What you will do: The line containing "fill(e26, e43)" marks the start, and the last line of the records below marks the end. Print that run exactly and nothing else.

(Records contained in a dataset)
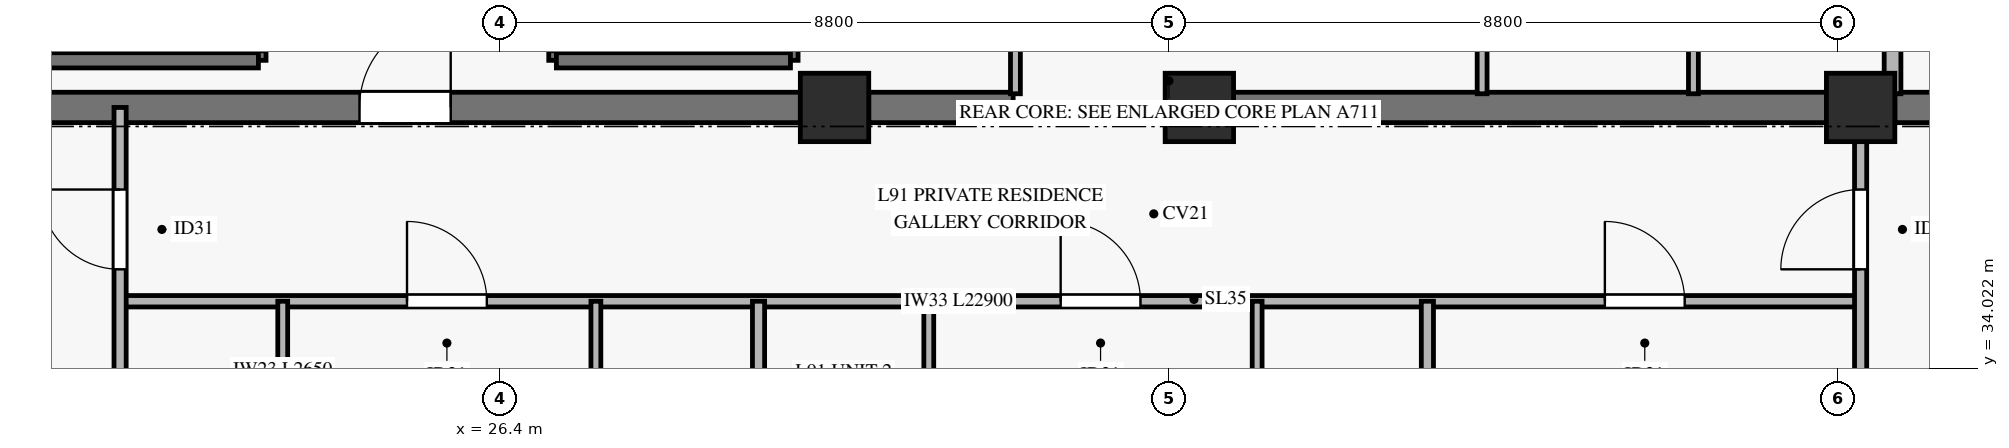
"""IFC4 building model, lengths in metres.
Left out: names, types, materials, properties, quantities, classifications, styles, units other than length and angle.
Written with IfcOpenShell. Run it as: python <this file> out.ifc"""

import sys

from ifc_helpers import new_model, si_unit, direction, frame, frame_2d, origin, origin_2d, place, context, subcontext, project, spatial, rectangle, extrude, source, transform, mapped, element, fill, save


model = new_model("IFC4")
c1 = context("Model", 3, precision=1e-05, world=origin(), true_north=direction((0.0, 1.0)))
c2 = subcontext(c1, "Body", "Model", "MODEL_VIEW")
j1 = project(units=[si_unit("LENGTHUNIT", "METRE"), si_unit("PLANEANGLEUNIT", "RADIAN")], contexts=[c1])
p1 = place(None, origin())
s1 = spatial("IfcSite", under=j1, at=p1, CompositionType="ELEMENT")
p2 = place(p1, origin())
s2 = spatial("IfcBuilding", under=s1, at=p2, CompositionType="ELEMENT")
p3 = place(p2, frame((0.0, 0.0, 349.3)))
s3 = spatial("IfcBuildingStorey", under=s2, at=p3, CompositionType="ELEMENT", Elevation=349.3)
m1 = source(origin(), c2, "Body", "SweptSolid", [
    extrude(rectangle(XDim=0.9, YDim=0.9, at=origin_2d()), origin(), (0.0, 0.0, 1.0), 3.08),
])
for number, where, z_axis, x_axis in (
    (1, (30.8, 37.45, 0.0), (0.0, 0.0, 1.0), (1.0, 0.0, 0.0)),
    (2, (35.6, 37.45, 0.0), (0.0, 0.0, 1.0), (1.0, 0.0, 0.0)),
    (3, (44.3, 37.45, 0.0), (0.0, 0.0, 1.0), (1.0, 0.0, 0.0)),
):
    element("IfcColumn", number, at=place(p3, frame(where, z_axis=z_axis, x_axis=x_axis)), inside=s3, PredefinedType="PILASTER", context=c2, shape_type="MappedRepresentation", body=[
        mapped(m1, transform((0.0, 0.0, 0.0), x_axis=(1.0, 0.0, 0.0), y_axis=(0.0, 1.0, 0.0), z_axis=(0.0, 0.0, 1.0), scale=1.0)),
    ])
p4 = place(p3, frame((20.3, 37.45, 0.0), z_axis=(0.0, 0.0, 1.0), x_axis=(1.0, 0.0, 0.0)))
e4 = element("IfcWall", 4, at=p4, inside=s3, PredefinedType="SHEAR", context=c2, shape_type="SweptSolid", body=[
    extrude(rectangle(XDim=10.05, YDim=0.4, at=frame_2d((5.025, 0.0))), origin(), (0.0, 0.0, 1.0), 3.08),
])
p5 = place(p4, frame((4.25, 0.0, 0.0)))
e5 = element("IfcOpeningElement", 5, at=p5, cuts=e4, PredefinedType="OPENING", context=c2, shape_type="SweptSolid", body=[
    extrude(rectangle(XDim=1.2, YDim=2.15, at=frame_2d((0.6, 1.075))), frame((0.0, 0.21, 0.0), z_axis=(0.0, -1.0, 0.0), x_axis=(1.0, 0.0, 0.0)), (0.0, 0.0, 1.0), 0.42),
])
p6 = place(p3, frame((31.25, 37.45, 0.0), z_axis=(0.0, 0.0, 1.0), x_axis=(1.0, 0.0, 0.0)))
e6 = element("IfcWall", 6, at=p6, inside=s3, PredefinedType="SHEAR", context=c2, shape_type="SweptSolid", body=[
    extrude(rectangle(XDim=1.9, YDim=0.4, at=frame_2d((0.95, 0.0))), origin(), (0.0, 0.0, 1.0), 3.08),
])
p7 = place(p3, frame((36.05, 37.45, 0.0), z_axis=(0.0, 0.0, 1.0), x_axis=(1.0, 0.0, 0.0)))
e7 = element("IfcWall", 7, at=p7, inside=s3, PredefinedType="SHEAR", context=c2, shape_type="SweptSolid", body=[
    extrude(rectangle(XDim=7.8, YDim=0.4, at=frame_2d((3.9, 0.0))), origin(), (0.0, 0.0, 1.0), 3.08),
])
p8 = place(p3, frame((44.75, 37.45, 0.0), z_axis=(0.0, 0.0, 1.0), x_axis=(1.0, 0.0, 0.0)))
e8 = element("IfcWall", 8, at=p8, inside=s3, PredefinedType="SHEAR", context=c2, shape_type="SweptSolid", body=[
    extrude(rectangle(XDim=5.35, YDim=0.4, at=frame_2d((2.675, 0.0))), origin(), (0.0, 0.0, 1.0), 3.08),
])
p9 = place(p8, frame((0.7, 0.0, 0.0)))
e9 = element("IfcOpeningElement", 9, at=p9, cuts=e8, PredefinedType="OPENING", context=c2, shape_type="SweptSolid", body=[
    extrude(rectangle(XDim=1.2, YDim=2.15, at=frame_2d((0.6, 1.075))), frame((0.0, 0.21, 0.0), z_axis=(0.0, -1.0, 0.0), x_axis=(1.0, 0.0, 0.0)), (0.0, 0.0, 1.0), 0.42),
])
p10 = place(p3, frame((23.22, 38.07, 0.0), z_axis=(0.0, 0.0, 1.0), x_axis=(0.0, 1.0, 0.0)))
e10 = element("IfcWall", 10, at=p10, inside=s3, PredefinedType="SOLIDWALL", context=c2, shape_type="SweptSolid", body=[
    extrude(rectangle(XDim=7.25, YDim=0.2, at=frame_2d((3.625, 0.0))), origin(), (0.0, 0.0, 1.0), 3.4),
])
p11 = place(p10, frame((0.11, 0.0, 0.0)))
e11 = element("IfcOpeningElement", 11, at=p11, cuts=e10, PredefinedType="OPENING", context=c2, shape_type="SweptSolid", body=[
    extrude(rectangle(XDim=1.1, YDim=2.15, at=frame_2d((0.55, 1.075))), frame((0.0, 0.11, 0.0), z_axis=(0.0, -1.0, 0.0), x_axis=(1.0, 0.0, 0.0)), (0.0, 0.0, 1.0), 0.22),
])
p12 = place(p3, frame((20.17, 38.07, 0.0), z_axis=(0.0, 0.0, 1.0), x_axis=(1.0, 0.0, 0.0)))
e12 = element("IfcWall", 12, at=p12, inside=s3, PredefinedType="SOLIDWALL", context=c2, shape_type="SweptSolid", body=[
    extrude(rectangle(XDim=3.05, YDim=0.2, at=frame_2d((1.525, 0.0))), origin(), (0.0, 0.0, 1.0), 3.4),
])
p13 = place(p3, frame((27.14, 38.07, 0.0), z_axis=(0.0, 0.0, 1.0), x_axis=(0.0, 1.0, 0.0)))
e13 = element("IfcWall", 13, at=p13, inside=s3, PredefinedType="SOLIDWALL", context=c2, shape_type="SweptSolid", body=[
    extrude(rectangle(XDim=7.25, YDim=0.2, at=frame_2d((3.625, 0.0))), origin(), (0.0, 0.0, 1.0), 3.4),
])
p14 = place(p13, frame((0.11, 0.0, 0.0)))
e14 = element("IfcOpeningElement", 14, at=p14, cuts=e13, PredefinedType="OPENING", context=c2, shape_type="SweptSolid", body=[
    extrude(rectangle(XDim=1.1, YDim=2.15, at=frame_2d((0.55, 1.075))), frame((0.0, 0.11, 0.0), z_axis=(0.0, -1.0, 0.0), x_axis=(1.0, 0.0, 0.0)), (0.0, 0.0, 1.0), 0.22),
])
p15 = place(p3, frame((30.22, 38.07, 0.0), z_axis=(0.0, 0.0, 1.0), x_axis=(0.0, 1.0, 0.0)))
e15 = element("IfcWall", 15, at=p15, inside=s3, PredefinedType="SOLIDWALL", context=c2, shape_type="SweptSolid", body=[
    extrude(rectangle(XDim=7.25, YDim=0.2, at=frame_2d((3.625, 0.0))), origin(), (0.0, 0.0, 1.0), 3.4),
])
p16 = place(p3, frame((27.14, 38.07, 0.0), z_axis=(0.0, 0.0, 1.0), x_axis=(1.0, 0.0, 0.0)))
e16 = element("IfcWall", 16, at=p16, inside=s3, PredefinedType="SOLIDWALL", context=c2, shape_type="SweptSolid", body=[
    extrude(rectangle(XDim=3.08, YDim=0.2, at=frame_2d((1.54, 0.0))), origin(), (0.0, 0.0, 1.0), 3.4),
])
p17 = place(p3, frame((44.72, 37.63, 0.0), z_axis=(0.0, 0.0, 1.0), x_axis=(0.0, 1.0, 0.0)))
e17 = element("IfcWall", 17, at=p17, inside=s3, PredefinedType="SOLIDWALL", context=c2, shape_type="SweptSolid", body=[
    extrude(rectangle(XDim=7.59, YDim=0.22, at=frame_2d((3.795, 0.0))), origin(), (0.0, 0.0, 1.0), 3.08),
])
p18 = place(p3, frame((33.18, 37.63, 0.0), z_axis=(0.0, 0.0, 1.0), x_axis=(0.0, 1.0, 0.0)))
e18 = element("IfcWall", 18, at=p18, inside=s3, PredefinedType="PARTITIONING", context=c2, shape_type="SweptSolid", body=[
    extrude(rectangle(XDim=6.52, YDim=0.13, at=frame_2d((3.26, 0.0))), origin(), (0.0, 0.0, 1.0), 2.22),
])
p19 = place(p18, frame((0.97, 0.0, 0.0)))
e19 = element("IfcOpeningElement", 19, at=p19, cuts=e18, PredefinedType="OPENING", context=c2, shape_type="SweptSolid", body=[
    extrude(rectangle(XDim=0.9, YDim=2.1, at=frame_2d((0.45, 1.05))), frame((0.0, 0.075, 0.0), z_axis=(0.0, -1.0, 0.0), x_axis=(1.0, 0.0, 0.0)), (0.0, 0.0, 1.0), 0.15),
])
p20 = place(p18, frame((3.87, 0.0, 0.0)))
e20 = element("IfcOpeningElement", 20, at=p20, cuts=e18, PredefinedType="OPENING", context=c2, shape_type="SweptSolid", body=[
    extrude(rectangle(XDim=0.9, YDim=2.1, at=frame_2d((0.45, 1.05))), frame((0.0, 0.075, 0.0), z_axis=(0.0, -1.0, 0.0), x_axis=(1.0, 0.0, 0.0)), (0.0, 0.0, 1.0), 0.15),
])
p21 = place(p3, frame((39.32, 37.63, 0.0), z_axis=(0.0, 0.0, 1.0), x_axis=(0.0, 1.0, 0.0)))
e21 = element("IfcWall", 21, at=p21, inside=s3, PredefinedType="PARTITIONING", context=c2, shape_type="SweptSolid", body=[
    extrude(rectangle(XDim=8.74, YDim=0.13, at=frame_2d((4.37, 0.0))), origin(), (0.0, 0.0, 1.0), 3.08),
])
p22 = place(p21, frame((4.89, 0.0, 0.0)))
e22 = element("IfcOpeningElement", 22, at=p22, cuts=e21, PredefinedType="OPENING", context=c2, shape_type="SweptSolid", body=[
    extrude(rectangle(XDim=0.9, YDim=2.1, at=frame_2d((0.45, 1.05))), frame((0.0, 0.075, 0.0), z_axis=(0.0, -1.0, 0.0), x_axis=(1.0, 0.0, 0.0)), (0.0, 0.0, 1.0), 0.15),
])
p23 = place(p3, frame((42.1, 37.63, 0.0), z_axis=(0.0, 0.0, 1.0), x_axis=(0.0, 1.0, 0.0)))
e23 = element("IfcWall", 23, at=p23, inside=s3, PredefinedType="PARTITIONING", context=c2, shape_type="SweptSolid", body=[
    extrude(rectangle(XDim=8.74, YDim=0.13, at=frame_2d((4.37, 0.0))), origin(), (0.0, 0.0, 1.0), 3.08),
])
p24 = place(p23, frame((2.17, 0.0, 0.0)))
e24 = element("IfcOpeningElement", 24, at=p24, cuts=e23, PredefinedType="OPENING", context=c2, shape_type="SweptSolid", body=[
    extrude(rectangle(XDim=0.9, YDim=2.1, at=frame_2d((0.45, 1.05))), frame((0.0, 0.075, 0.0), z_axis=(0.0, -1.0, 0.0), x_axis=(1.0, 0.0, 0.0)), (0.0, 0.0, 1.0), 0.15),
])
p25 = place(p3, frame((21.4, 34.9, 0.0), z_axis=(0.0, 0.0, 1.0), x_axis=(1.0, 0.0, 0.0)))
e25 = element("IfcWall", 25, at=p25, inside=s3, PredefinedType="PARTITIONING", context=c2, shape_type="SweptSolid", body=[
    extrude(rectangle(XDim=22.9, YDim=0.15, at=frame_2d((11.45, 0.0))), origin(), (0.0, 0.0, 1.0), 2.365),
])
p26 = place(p25, frame((3.775, 0.0, 0.0)))
e26 = element("IfcOpeningElement", 26, at=p26, cuts=e25, PredefinedType="OPENING", context=c2, shape_type="SweptSolid", body=[
    extrude(rectangle(XDim=1.05, YDim=2.15, at=frame_2d((0.525, 1.075))), frame((0.0, 0.085, 0.0), z_axis=(0.0, -1.0, 0.0), x_axis=(1.0, 0.0, 0.0)), (0.0, 0.0, 1.0), 0.17),
])
p27 = place(p25, frame((12.375, 0.0, 0.0)))
e27 = element("IfcOpeningElement", 27, at=p27, cuts=e25, PredefinedType="OPENING", context=c2, shape_type="SweptSolid", body=[
    extrude(rectangle(XDim=1.05, YDim=2.15, at=frame_2d((0.525, 1.075))), frame((0.0, 0.085, 0.0), z_axis=(0.0, -1.0, 0.0), x_axis=(1.0, 0.0, 0.0)), (0.0, 0.0, 1.0), 0.17),
])
p28 = place(p25, frame((19.535, 0.0, 0.0)))
e28 = element("IfcOpeningElement", 28, at=p28, cuts=e25, PredefinedType="OPENING", context=c2, shape_type="SweptSolid", body=[
    extrude(rectangle(XDim=1.05, YDim=2.15, at=frame_2d((0.525, 1.075))), frame((0.0, 0.085, 0.0), z_axis=(0.0, -1.0, 0.0), x_axis=(1.0, 0.0, 0.0)), (0.0, 0.0, 1.0), 0.17),
])
p29 = place(p3, frame((21.4, 23.5, 0.0), z_axis=(0.0, 0.0, 1.0), x_axis=(0.0, 1.0, 0.0)))
e29 = element("IfcWall", 29, at=p29, inside=s3, PredefinedType="PARTITIONING", context=c2, shape_type="SweptSolid", body=[
    extrude(rectangle(XDim=13.95, YDim=0.16, at=frame_2d((6.975, 0.0))), origin(), (0.0, 0.0, 1.0), 2.665),
])
p30 = place(p29, frame((11.82, 0.0, 0.0)))
e30 = element("IfcOpeningElement", 30, at=p30, cuts=e29, PredefinedType="OPENING", context=c2, shape_type="SweptSolid", body=[
    extrude(rectangle(XDim=1.05, YDim=2.15, at=frame_2d((0.525, 1.075))), frame((0.0, 0.09, 0.0), z_axis=(0.0, -1.0, 0.0), x_axis=(1.0, 0.0, 0.0)), (0.0, 0.0, 1.0), 0.18),
])
for number, where, z_axis, x_axis in (
    (31, (29.8, 23.5, 0.0), (0.0, 0.0, 1.0), (0.0, 1.0, 0.0)),
    (32, (38.6, 23.5, 0.0), (0.0, 0.0, 1.0), (0.0, 1.0, 0.0)),
):
    element("IfcWall", number, at=place(p3, frame(where, z_axis=z_axis, x_axis=x_axis)), inside=s3, PredefinedType="PARTITIONING", context=c2, shape_type="SweptSolid", body=[
        extrude(rectangle(XDim=11.4, YDim=0.16, at=frame_2d((5.7, 0.0))), origin(), (0.0, 0.0, 1.0), 2.665),
    ])
p31 = place(p3, frame((44.3, 23.5, 0.0), z_axis=(0.0, 0.0, 1.0), x_axis=(0.0, 1.0, 0.0)))
e33 = element("IfcWall", 33, at=p31, inside=s3, PredefinedType="PARTITIONING", context=c2, shape_type="SweptSolid", body=[
    extrude(rectangle(XDim=13.95, YDim=0.16, at=frame_2d((6.975, 0.0))), origin(), (0.0, 0.0, 1.0), 2.365),
])
p32 = place(p31, frame((11.82, 0.0, 0.0)))
e34 = element("IfcOpeningElement", 34, at=p32, cuts=e33, PredefinedType="OPENING", context=c2, shape_type="SweptSolid", body=[
    extrude(rectangle(XDim=1.05, YDim=2.15, at=frame_2d((0.525, 1.075))), frame((0.0, 0.09, 0.0), z_axis=(0.0, -1.0, 0.0), x_axis=(1.0, 0.0, 0.0)), (0.0, 0.0, 1.0), 0.18),
])
p33 = place(p3, frame((23.54, 32.25, 0.0), z_axis=(0.0, 0.0, 1.0), x_axis=(0.0, 1.0, 0.0)))
e35 = element("IfcWall", 35, at=p33, inside=s3, PredefinedType="PARTITIONING", context=c2, shape_type="SweptSolid", body=[
    extrude(rectangle(XDim=2.65, YDim=0.13, at=frame_2d((1.325, 0.0))), origin(), (0.0, 0.0, 1.0), 2.665),
])
p34 = place(p3, frame((27.66, 32.25, 0.0), z_axis=(0.0, 0.0, 1.0), x_axis=(0.0, 1.0, 0.0)))
e36 = element("IfcWall", 36, at=p34, inside=s3, PredefinedType="PARTITIONING", context=c2, shape_type="SweptSolid", body=[
    extrude(rectangle(XDim=2.65, YDim=0.13, at=frame_2d((1.325, 0.0))), origin(), (0.0, 0.0, 1.0), 2.665),
])
p35 = place(p34, frame((0.67, 0.0, 0.0)))
e37 = element("IfcOpeningElement", 37, at=p35, cuts=e36, PredefinedType="OPENING", context=c2, shape_type="SweptSolid", body=[
    extrude(rectangle(XDim=0.9, YDim=2.1, at=frame_2d((0.45, 1.05))), frame((0.0, 0.075, 0.0), z_axis=(0.0, -1.0, 0.0), x_axis=(1.0, 0.0, 0.0)), (0.0, 0.0, 1.0), 0.15),
])
p36 = place(p3, frame((32.04, 32.25, 0.0), z_axis=(0.0, 0.0, 1.0), x_axis=(0.0, 1.0, 0.0)))
e38 = element("IfcWall", 38, at=p36, inside=s3, PredefinedType="PARTITIONING", context=c2, shape_type="SweptSolid", body=[
    extrude(rectangle(XDim=2.65, YDim=0.13, at=frame_2d((1.325, 0.0))), origin(), (0.0, 0.0, 1.0), 2.665),
])
p37 = place(p3, frame((36.36, 32.25, 0.0), z_axis=(0.0, 0.0, 1.0), x_axis=(0.0, 1.0, 0.0)))
e39 = element("IfcWall", 39, at=p37, inside=s3, PredefinedType="PARTITIONING", context=c2, shape_type="SweptSolid", body=[
    extrude(rectangle(XDim=2.65, YDim=0.13, at=frame_2d((1.325, 0.0))), origin(), (0.0, 0.0, 1.0), 2.665),
])
p38 = place(p37, frame((0.67, 0.0, 0.0)))
e40 = element("IfcOpeningElement", 40, at=p38, cuts=e39, PredefinedType="OPENING", context=c2, shape_type="SweptSolid", body=[
    extrude(rectangle(XDim=0.9, YDim=2.1, at=frame_2d((0.45, 1.05))), frame((0.0, 0.075, 0.0), z_axis=(0.0, -1.0, 0.0), x_axis=(1.0, 0.0, 0.0)), (0.0, 0.0, 1.0), 0.15),
])
m2 = source(origin(), c2, "Body", "SweptSolid", [
    extrude(rectangle(XDim=1.2, YDim=2.15, at=frame_2d((0.6, 1.075))), frame((0.0, 0.025, 0.0), z_axis=(0.0, -1.0, 0.0), x_axis=(1.0, 0.0, 0.0)), (0.0, 0.0, 1.0), 0.05),
])
p39 = place(p5, origin())
e41 = element("IfcDoor", 41, at=p39, inside=s3, OperationType="SINGLE_SWING_RIGHT", PredefinedType="DOOR", context=c2, shape_type="MappedRepresentation", body=[
    mapped(m2, transform((0.0, 0.0, 0.0), x_axis=(1.0, 0.0, 0.0), y_axis=(0.0, 1.0, 0.0), z_axis=(0.0, 0.0, 1.0), scale=1.0)),
])
fill(e5, e41)
m3 = source(origin(), c2, "Body", "SweptSolid", [
    extrude(rectangle(XDim=1.05, YDim=2.15, at=frame_2d((0.525, 1.075))), frame((0.0, 0.025, 0.0), z_axis=(0.0, -1.0, 0.0), x_axis=(1.0, 0.0, 0.0)), (0.0, 0.0, 1.0), 0.05),
])
p40 = place(p30, origin())
e42 = element("IfcDoor", 42, at=p40, inside=s3, OperationType="SINGLE_SWING_RIGHT", PredefinedType="DOOR", context=c2, shape_type="MappedRepresentation", body=[
    mapped(m3, transform((0.0, 0.0, 0.0), x_axis=(1.0, 0.0, 0.0), y_axis=(0.0, 1.0, 0.0), z_axis=(0.0, 0.0, 1.0), scale=1.0)),
])
fill(e30, e42)
p41 = place(p26, origin())
e43 = element("IfcDoor", 43, at=p41, inside=s3, OperationType="SINGLE_SWING_LEFT", PredefinedType="DOOR", context=c2, shape_type="MappedRepresentation", body=[
    mapped(m3, transform((0.0, 0.0, 0.0), x_axis=(1.0, 0.0, 0.0), y_axis=(0.0, 1.0, 0.0), z_axis=(0.0, 0.0, 1.0), scale=1.0)),
])
fill(e26, e43)
p42 = place(p27, origin())
e44 = element("IfcDoor", 44, at=p42, inside=s3, OperationType="SINGLE_SWING_LEFT", PredefinedType="DOOR", context=c2, shape_type="MappedRepresentation", body=[
    mapped(m3, transform((0.0, 0.0, 0.0), x_axis=(1.0, 0.0, 0.0), y_axis=(0.0, 1.0, 0.0), z_axis=(0.0, 0.0, 1.0), scale=1.0)),
])
fill(e27, e44)
p43 = place(p28, origin())
e45 = element("IfcDoor", 45, at=p43, inside=s3, OperationType="SINGLE_SWING_LEFT", PredefinedType="DOOR", context=c2, shape_type="MappedRepresentation", body=[
    mapped(m3, transform((0.0, 0.0, 0.0), x_axis=(1.0, 0.0, 0.0), y_axis=(0.0, 1.0, 0.0), z_axis=(0.0, 0.0, 1.0), scale=1.0)),
])
fill(e28, e45)
p44 = place(p32, origin())
e46 = element("IfcDoor", 46, at=p44, inside=s3, OperationType="SINGLE_SWING_LEFT", PredefinedType="DOOR", context=c2, shape_type="MappedRepresentation", body=[
    mapped(m3, transform((0.0, 0.0, 0.0), x_axis=(1.0, 0.0, 0.0), y_axis=(0.0, 1.0, 0.0), z_axis=(0.0, 0.0, 1.0), scale=1.0)),
])
fill(e34, e46)
save(model, sys.argv[1])

Response for this exercise:
fill(e26, e43)
p42 = place(p27, origin())
e44 = element("IfcDoor", 44, at=p42, inside=s3, OperationType="SINGLE_SWING_LEFT", PredefinedType="DOOR", context=c2, shape_type="MappedRepresentation", body=[
    mapped(m3, transform((0.0, 0.0, 0.0), x_axis=(1.0, 0.0, 0.0), y_axis=(0.0, 1.0, 0.0), z_axis=(0.0, 0.0, 1.0), scale=1.0)),
])
fill(e27, e44)
p43 = place(p28, origin())
e45 = element("IfcDoor", 45, at=p43, inside=s3, OperationType="SINGLE_SWING_LEFT", PredefinedType="DOOR", context=c2, shape_type="MappedRepresentation", body=[
    mapped(m3, transform((0.0, 0.0, 0.0), x_axis=(1.0, 0.0, 0.0), y_axis=(0.0, 1.0, 0.0), z_axis=(0.0, 0.0, 1.0), scale=1.0)),
])
fill(e28, e45)
p44 = place(p32, origin())
e46 = element("IfcDoor", 46, at=p44, inside=s3, OperationType="SINGLE_SWING_LEFT", PredefinedType="DOOR", context=c2, shape_type="MappedRepresentation", body=[
    mapped(m3, transform((0.0, 0.0, 0.0), x_axis=(1.0, 0.0, 0.0), y_axis=(0.0, 1.0, 0.0), z_axis=(0.0, 0.0, 1.0), scale=1.0)),
])
fill(e34, e46)
save(model, sys.argv[1])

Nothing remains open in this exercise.